= Beginning of Section =
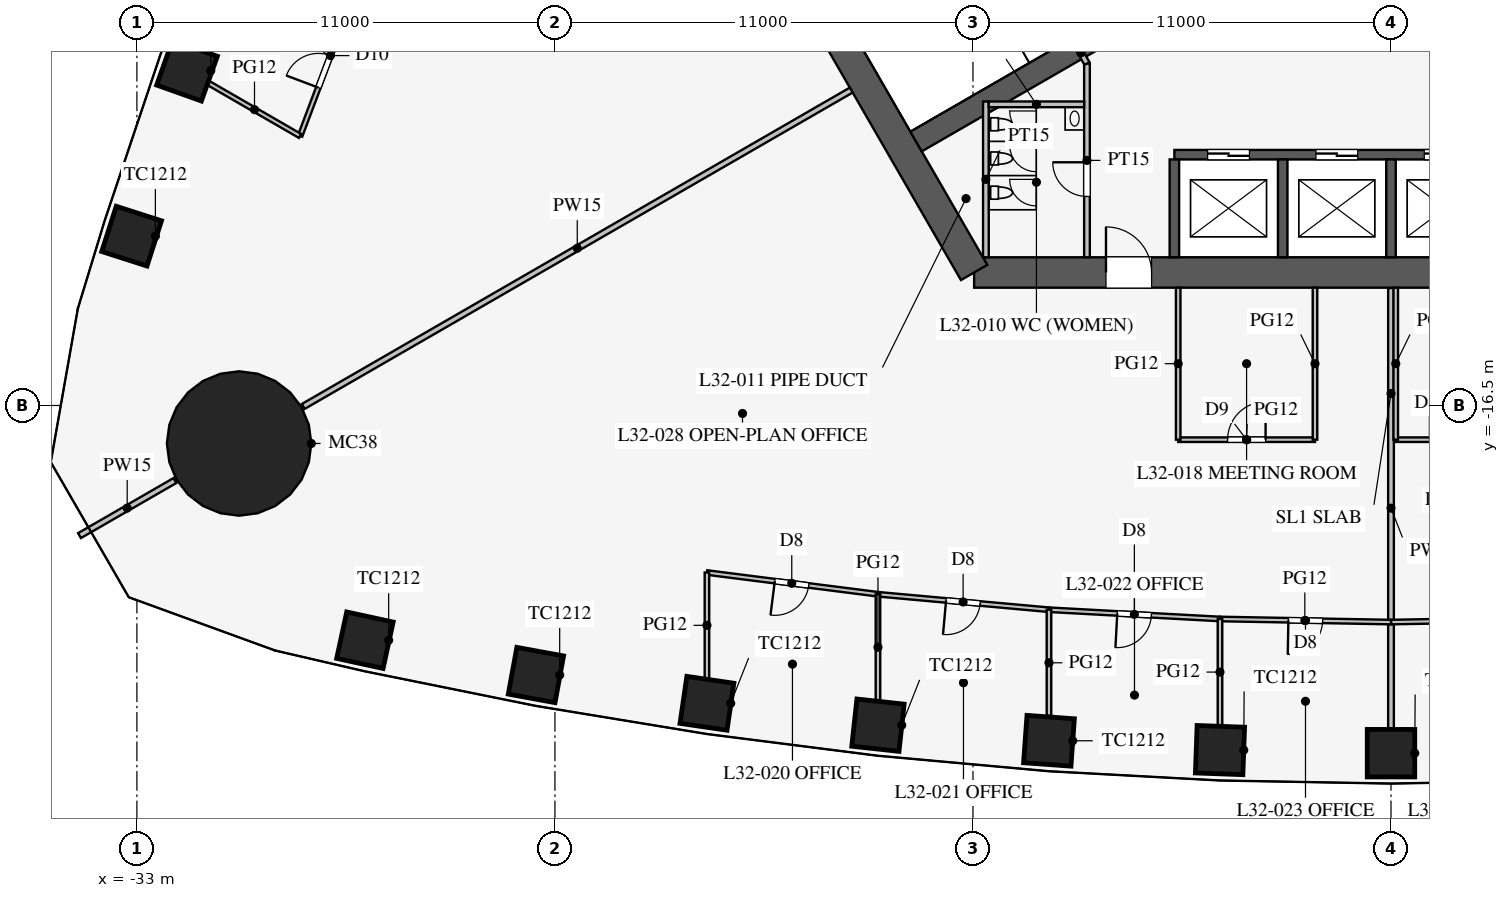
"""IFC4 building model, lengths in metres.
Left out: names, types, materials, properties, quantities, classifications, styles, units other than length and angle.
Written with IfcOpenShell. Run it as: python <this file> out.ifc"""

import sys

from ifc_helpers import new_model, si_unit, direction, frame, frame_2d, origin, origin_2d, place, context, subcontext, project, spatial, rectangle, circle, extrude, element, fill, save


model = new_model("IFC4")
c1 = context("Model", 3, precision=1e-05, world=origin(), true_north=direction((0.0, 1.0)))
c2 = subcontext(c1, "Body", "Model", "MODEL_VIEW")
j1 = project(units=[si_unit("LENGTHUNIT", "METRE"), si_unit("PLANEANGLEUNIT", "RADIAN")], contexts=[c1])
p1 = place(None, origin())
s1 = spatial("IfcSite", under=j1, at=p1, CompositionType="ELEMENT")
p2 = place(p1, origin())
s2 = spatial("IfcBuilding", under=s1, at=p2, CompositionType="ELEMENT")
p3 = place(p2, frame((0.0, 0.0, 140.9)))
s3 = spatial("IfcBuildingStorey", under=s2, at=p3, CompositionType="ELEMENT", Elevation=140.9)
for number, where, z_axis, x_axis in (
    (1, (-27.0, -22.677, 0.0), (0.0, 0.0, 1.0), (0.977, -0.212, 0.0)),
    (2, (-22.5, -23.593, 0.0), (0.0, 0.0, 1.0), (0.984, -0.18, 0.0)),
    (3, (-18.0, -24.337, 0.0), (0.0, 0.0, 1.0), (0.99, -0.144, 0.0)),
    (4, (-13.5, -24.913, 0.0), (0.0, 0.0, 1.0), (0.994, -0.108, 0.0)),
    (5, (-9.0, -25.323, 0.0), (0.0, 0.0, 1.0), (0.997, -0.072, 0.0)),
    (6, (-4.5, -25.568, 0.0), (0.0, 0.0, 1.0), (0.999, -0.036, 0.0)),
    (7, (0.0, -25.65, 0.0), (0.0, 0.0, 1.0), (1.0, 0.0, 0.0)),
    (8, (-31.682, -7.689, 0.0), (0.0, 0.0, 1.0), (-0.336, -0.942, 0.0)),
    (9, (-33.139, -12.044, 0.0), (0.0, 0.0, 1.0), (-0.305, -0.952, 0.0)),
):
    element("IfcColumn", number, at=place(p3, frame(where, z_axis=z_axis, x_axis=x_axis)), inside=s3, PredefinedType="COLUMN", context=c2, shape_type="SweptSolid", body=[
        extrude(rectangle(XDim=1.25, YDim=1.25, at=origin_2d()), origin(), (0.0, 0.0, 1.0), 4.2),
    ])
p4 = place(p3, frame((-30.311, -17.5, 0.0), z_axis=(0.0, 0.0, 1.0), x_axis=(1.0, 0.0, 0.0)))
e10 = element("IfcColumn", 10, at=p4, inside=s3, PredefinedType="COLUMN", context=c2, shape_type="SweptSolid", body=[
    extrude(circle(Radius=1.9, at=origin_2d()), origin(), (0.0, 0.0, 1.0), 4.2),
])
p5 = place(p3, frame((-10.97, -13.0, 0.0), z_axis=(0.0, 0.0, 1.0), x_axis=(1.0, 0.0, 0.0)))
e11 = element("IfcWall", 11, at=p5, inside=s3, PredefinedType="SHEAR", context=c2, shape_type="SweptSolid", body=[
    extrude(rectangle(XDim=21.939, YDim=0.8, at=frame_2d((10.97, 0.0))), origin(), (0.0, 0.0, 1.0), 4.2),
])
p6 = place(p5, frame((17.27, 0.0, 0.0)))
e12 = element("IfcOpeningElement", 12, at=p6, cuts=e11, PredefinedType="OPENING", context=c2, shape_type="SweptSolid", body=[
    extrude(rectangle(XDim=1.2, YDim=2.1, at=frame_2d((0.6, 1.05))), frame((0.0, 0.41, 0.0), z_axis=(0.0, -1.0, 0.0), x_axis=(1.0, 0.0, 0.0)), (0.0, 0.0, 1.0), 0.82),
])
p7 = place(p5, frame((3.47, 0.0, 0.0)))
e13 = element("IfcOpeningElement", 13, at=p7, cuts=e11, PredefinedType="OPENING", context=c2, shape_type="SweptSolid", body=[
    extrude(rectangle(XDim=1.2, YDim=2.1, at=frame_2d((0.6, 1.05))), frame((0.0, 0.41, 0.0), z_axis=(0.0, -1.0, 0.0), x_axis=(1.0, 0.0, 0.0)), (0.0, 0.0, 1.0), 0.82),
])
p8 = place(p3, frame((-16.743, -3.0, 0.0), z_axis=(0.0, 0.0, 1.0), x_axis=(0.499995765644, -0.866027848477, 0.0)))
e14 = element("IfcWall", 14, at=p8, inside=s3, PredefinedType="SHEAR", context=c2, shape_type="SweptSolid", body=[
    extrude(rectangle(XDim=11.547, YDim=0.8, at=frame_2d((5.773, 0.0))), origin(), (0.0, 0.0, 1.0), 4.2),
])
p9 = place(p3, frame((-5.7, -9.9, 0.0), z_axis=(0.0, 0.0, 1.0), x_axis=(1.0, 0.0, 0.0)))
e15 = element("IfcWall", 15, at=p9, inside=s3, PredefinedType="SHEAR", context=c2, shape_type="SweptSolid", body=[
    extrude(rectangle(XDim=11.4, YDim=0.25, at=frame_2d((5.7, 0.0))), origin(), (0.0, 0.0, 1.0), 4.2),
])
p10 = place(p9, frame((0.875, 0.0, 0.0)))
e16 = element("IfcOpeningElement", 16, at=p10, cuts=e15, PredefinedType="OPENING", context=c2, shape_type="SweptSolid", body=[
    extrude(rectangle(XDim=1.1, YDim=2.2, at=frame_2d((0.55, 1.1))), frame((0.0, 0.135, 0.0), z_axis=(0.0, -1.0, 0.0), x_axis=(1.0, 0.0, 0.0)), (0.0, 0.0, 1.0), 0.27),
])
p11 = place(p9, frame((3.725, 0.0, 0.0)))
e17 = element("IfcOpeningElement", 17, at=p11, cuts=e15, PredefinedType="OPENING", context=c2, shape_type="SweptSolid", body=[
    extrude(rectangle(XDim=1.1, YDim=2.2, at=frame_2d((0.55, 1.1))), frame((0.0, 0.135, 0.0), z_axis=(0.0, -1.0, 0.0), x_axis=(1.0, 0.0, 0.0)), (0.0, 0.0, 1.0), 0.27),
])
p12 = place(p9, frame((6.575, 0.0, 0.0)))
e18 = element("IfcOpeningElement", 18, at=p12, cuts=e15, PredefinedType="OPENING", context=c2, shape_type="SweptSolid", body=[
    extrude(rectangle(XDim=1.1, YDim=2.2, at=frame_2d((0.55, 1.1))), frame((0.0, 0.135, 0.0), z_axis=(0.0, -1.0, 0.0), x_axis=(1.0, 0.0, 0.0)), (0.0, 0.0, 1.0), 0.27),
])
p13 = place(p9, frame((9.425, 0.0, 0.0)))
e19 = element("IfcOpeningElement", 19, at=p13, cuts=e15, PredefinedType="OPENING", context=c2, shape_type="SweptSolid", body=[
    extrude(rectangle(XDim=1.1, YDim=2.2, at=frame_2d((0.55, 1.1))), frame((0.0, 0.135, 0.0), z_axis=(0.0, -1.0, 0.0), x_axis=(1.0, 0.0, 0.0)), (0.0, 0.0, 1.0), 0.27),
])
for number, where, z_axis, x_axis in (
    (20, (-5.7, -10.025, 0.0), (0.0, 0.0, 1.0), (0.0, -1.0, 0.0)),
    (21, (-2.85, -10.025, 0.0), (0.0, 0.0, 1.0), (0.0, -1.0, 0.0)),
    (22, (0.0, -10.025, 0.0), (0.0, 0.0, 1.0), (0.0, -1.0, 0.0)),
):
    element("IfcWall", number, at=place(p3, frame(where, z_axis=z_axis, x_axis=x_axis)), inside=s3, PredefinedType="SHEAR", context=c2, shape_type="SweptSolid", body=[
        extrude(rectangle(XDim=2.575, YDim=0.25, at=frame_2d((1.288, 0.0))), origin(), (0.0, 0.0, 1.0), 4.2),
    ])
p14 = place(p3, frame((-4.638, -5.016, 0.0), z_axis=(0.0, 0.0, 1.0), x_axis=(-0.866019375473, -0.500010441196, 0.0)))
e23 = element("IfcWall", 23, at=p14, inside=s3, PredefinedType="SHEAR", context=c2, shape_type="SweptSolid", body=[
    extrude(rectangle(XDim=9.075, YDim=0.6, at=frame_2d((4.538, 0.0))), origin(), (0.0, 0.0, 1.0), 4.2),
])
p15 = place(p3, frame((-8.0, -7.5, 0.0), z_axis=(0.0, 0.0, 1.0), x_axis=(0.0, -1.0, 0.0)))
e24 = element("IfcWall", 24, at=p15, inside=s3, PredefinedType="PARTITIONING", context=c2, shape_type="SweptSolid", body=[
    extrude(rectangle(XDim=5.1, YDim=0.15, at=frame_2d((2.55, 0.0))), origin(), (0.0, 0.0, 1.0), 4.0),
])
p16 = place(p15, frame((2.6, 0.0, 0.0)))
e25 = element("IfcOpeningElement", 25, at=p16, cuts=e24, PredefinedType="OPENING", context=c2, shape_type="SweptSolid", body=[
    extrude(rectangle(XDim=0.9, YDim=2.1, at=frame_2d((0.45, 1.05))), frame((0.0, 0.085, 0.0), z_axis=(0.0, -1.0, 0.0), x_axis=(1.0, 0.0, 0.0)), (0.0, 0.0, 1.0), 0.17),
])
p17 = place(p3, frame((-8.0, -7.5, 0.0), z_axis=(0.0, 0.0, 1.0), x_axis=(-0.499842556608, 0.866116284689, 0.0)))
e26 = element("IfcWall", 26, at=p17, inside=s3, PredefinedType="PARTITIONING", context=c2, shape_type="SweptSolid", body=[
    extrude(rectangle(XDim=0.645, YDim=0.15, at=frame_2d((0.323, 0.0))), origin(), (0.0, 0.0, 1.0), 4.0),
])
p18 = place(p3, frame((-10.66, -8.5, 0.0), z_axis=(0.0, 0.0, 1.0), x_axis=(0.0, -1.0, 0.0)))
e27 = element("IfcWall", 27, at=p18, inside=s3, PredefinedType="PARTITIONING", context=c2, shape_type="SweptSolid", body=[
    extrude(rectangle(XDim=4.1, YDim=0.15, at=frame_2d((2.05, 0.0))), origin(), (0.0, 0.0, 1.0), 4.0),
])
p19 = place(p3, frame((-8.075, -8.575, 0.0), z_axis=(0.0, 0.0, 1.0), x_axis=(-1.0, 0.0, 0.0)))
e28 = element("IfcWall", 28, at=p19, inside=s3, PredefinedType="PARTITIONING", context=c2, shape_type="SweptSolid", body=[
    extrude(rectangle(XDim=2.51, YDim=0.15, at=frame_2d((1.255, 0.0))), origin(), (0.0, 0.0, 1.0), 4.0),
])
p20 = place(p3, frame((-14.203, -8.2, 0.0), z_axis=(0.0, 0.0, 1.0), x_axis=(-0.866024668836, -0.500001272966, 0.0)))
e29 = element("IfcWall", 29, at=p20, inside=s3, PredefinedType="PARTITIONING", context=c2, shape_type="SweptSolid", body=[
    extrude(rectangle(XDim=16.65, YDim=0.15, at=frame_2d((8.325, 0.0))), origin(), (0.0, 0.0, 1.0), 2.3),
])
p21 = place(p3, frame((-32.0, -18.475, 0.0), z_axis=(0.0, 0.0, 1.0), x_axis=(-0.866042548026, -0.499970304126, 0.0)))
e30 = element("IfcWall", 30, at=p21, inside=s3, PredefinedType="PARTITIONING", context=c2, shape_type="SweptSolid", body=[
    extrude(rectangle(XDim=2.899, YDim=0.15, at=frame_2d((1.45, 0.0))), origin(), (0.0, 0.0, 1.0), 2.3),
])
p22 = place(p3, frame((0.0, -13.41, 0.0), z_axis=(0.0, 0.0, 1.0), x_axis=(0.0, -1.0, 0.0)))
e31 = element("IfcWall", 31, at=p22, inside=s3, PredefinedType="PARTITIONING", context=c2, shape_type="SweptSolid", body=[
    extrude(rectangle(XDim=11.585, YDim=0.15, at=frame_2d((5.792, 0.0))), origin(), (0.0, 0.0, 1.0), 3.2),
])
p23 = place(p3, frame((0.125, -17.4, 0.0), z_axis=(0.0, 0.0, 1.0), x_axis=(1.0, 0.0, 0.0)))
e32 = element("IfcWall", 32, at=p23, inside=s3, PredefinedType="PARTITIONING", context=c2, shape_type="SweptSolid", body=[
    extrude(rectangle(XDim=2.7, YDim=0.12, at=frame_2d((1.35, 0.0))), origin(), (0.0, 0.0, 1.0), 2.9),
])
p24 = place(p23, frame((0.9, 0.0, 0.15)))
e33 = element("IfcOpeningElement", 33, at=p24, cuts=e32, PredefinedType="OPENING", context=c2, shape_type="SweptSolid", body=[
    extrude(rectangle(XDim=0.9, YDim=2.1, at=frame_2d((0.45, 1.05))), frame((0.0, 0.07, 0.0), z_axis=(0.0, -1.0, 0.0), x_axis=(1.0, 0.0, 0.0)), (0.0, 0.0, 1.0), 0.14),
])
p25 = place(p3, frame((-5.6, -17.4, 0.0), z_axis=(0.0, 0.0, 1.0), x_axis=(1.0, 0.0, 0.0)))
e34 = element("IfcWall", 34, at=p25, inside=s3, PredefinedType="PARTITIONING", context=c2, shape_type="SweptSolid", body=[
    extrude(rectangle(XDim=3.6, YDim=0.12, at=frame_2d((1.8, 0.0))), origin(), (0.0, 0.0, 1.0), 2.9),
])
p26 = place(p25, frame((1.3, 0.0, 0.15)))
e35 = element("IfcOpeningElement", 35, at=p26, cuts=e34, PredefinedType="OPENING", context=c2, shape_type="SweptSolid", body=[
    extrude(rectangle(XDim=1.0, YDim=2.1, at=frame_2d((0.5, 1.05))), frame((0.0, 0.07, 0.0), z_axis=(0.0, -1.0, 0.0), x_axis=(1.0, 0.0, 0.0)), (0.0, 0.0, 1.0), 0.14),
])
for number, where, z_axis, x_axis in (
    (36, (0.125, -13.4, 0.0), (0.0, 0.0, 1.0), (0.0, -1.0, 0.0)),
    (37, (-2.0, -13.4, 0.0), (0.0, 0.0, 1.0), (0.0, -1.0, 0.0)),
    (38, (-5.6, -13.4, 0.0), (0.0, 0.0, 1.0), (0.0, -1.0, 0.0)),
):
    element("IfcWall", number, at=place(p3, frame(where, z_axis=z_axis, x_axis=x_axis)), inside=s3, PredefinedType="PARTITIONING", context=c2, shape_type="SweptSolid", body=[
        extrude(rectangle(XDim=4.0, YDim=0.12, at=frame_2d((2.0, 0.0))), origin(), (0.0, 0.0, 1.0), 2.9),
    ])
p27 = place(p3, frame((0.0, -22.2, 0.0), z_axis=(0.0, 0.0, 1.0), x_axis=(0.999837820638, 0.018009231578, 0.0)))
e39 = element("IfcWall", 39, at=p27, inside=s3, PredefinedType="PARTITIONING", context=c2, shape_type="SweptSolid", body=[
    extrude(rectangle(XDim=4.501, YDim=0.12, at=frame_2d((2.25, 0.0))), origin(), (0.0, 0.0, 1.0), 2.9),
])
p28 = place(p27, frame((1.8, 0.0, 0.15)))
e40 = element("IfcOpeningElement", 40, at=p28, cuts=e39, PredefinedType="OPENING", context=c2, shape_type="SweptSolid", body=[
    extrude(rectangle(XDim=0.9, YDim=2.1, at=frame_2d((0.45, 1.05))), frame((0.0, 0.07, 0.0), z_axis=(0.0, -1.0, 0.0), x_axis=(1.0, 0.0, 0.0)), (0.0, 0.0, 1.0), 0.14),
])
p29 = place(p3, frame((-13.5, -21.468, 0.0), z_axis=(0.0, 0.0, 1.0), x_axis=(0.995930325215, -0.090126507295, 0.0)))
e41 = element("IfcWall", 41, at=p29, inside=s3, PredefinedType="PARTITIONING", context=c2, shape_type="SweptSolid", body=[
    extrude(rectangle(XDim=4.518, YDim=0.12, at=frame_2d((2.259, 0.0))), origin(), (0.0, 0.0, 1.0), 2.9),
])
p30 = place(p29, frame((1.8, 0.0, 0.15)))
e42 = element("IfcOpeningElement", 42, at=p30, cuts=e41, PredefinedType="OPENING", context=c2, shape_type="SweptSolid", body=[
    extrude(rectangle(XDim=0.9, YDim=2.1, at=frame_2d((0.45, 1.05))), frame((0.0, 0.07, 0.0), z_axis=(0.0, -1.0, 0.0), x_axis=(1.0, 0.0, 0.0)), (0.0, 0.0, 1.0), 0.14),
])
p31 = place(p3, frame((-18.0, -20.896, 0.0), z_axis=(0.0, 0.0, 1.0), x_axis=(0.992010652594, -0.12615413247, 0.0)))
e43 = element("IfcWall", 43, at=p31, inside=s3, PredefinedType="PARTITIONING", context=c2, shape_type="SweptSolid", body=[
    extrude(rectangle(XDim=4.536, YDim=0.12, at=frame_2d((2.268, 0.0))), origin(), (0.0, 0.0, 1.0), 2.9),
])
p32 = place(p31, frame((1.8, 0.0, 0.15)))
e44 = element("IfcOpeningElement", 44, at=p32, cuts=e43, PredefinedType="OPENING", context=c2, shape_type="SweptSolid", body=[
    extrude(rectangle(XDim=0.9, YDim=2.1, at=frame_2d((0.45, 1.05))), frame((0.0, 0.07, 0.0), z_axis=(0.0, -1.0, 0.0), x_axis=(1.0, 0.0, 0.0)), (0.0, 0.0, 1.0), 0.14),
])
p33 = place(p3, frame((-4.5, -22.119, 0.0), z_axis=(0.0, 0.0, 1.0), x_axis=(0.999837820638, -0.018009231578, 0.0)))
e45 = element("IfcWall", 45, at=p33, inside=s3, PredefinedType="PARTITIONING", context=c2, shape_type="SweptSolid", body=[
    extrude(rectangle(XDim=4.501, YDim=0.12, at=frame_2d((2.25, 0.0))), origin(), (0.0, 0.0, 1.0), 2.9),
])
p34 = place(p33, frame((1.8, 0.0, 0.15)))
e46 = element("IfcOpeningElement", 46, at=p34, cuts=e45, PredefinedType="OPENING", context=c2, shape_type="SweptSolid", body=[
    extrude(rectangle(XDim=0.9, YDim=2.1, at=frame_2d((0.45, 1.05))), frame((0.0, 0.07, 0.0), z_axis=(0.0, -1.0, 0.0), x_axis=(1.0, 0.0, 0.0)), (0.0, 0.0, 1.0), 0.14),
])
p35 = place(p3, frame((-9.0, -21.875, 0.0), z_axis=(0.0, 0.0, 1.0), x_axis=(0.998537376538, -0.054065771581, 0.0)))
= End of Section =
• [Assignment] Please go through each line of the data and count those that contain the string "circle"; give that number alone.

• [Answer box] 2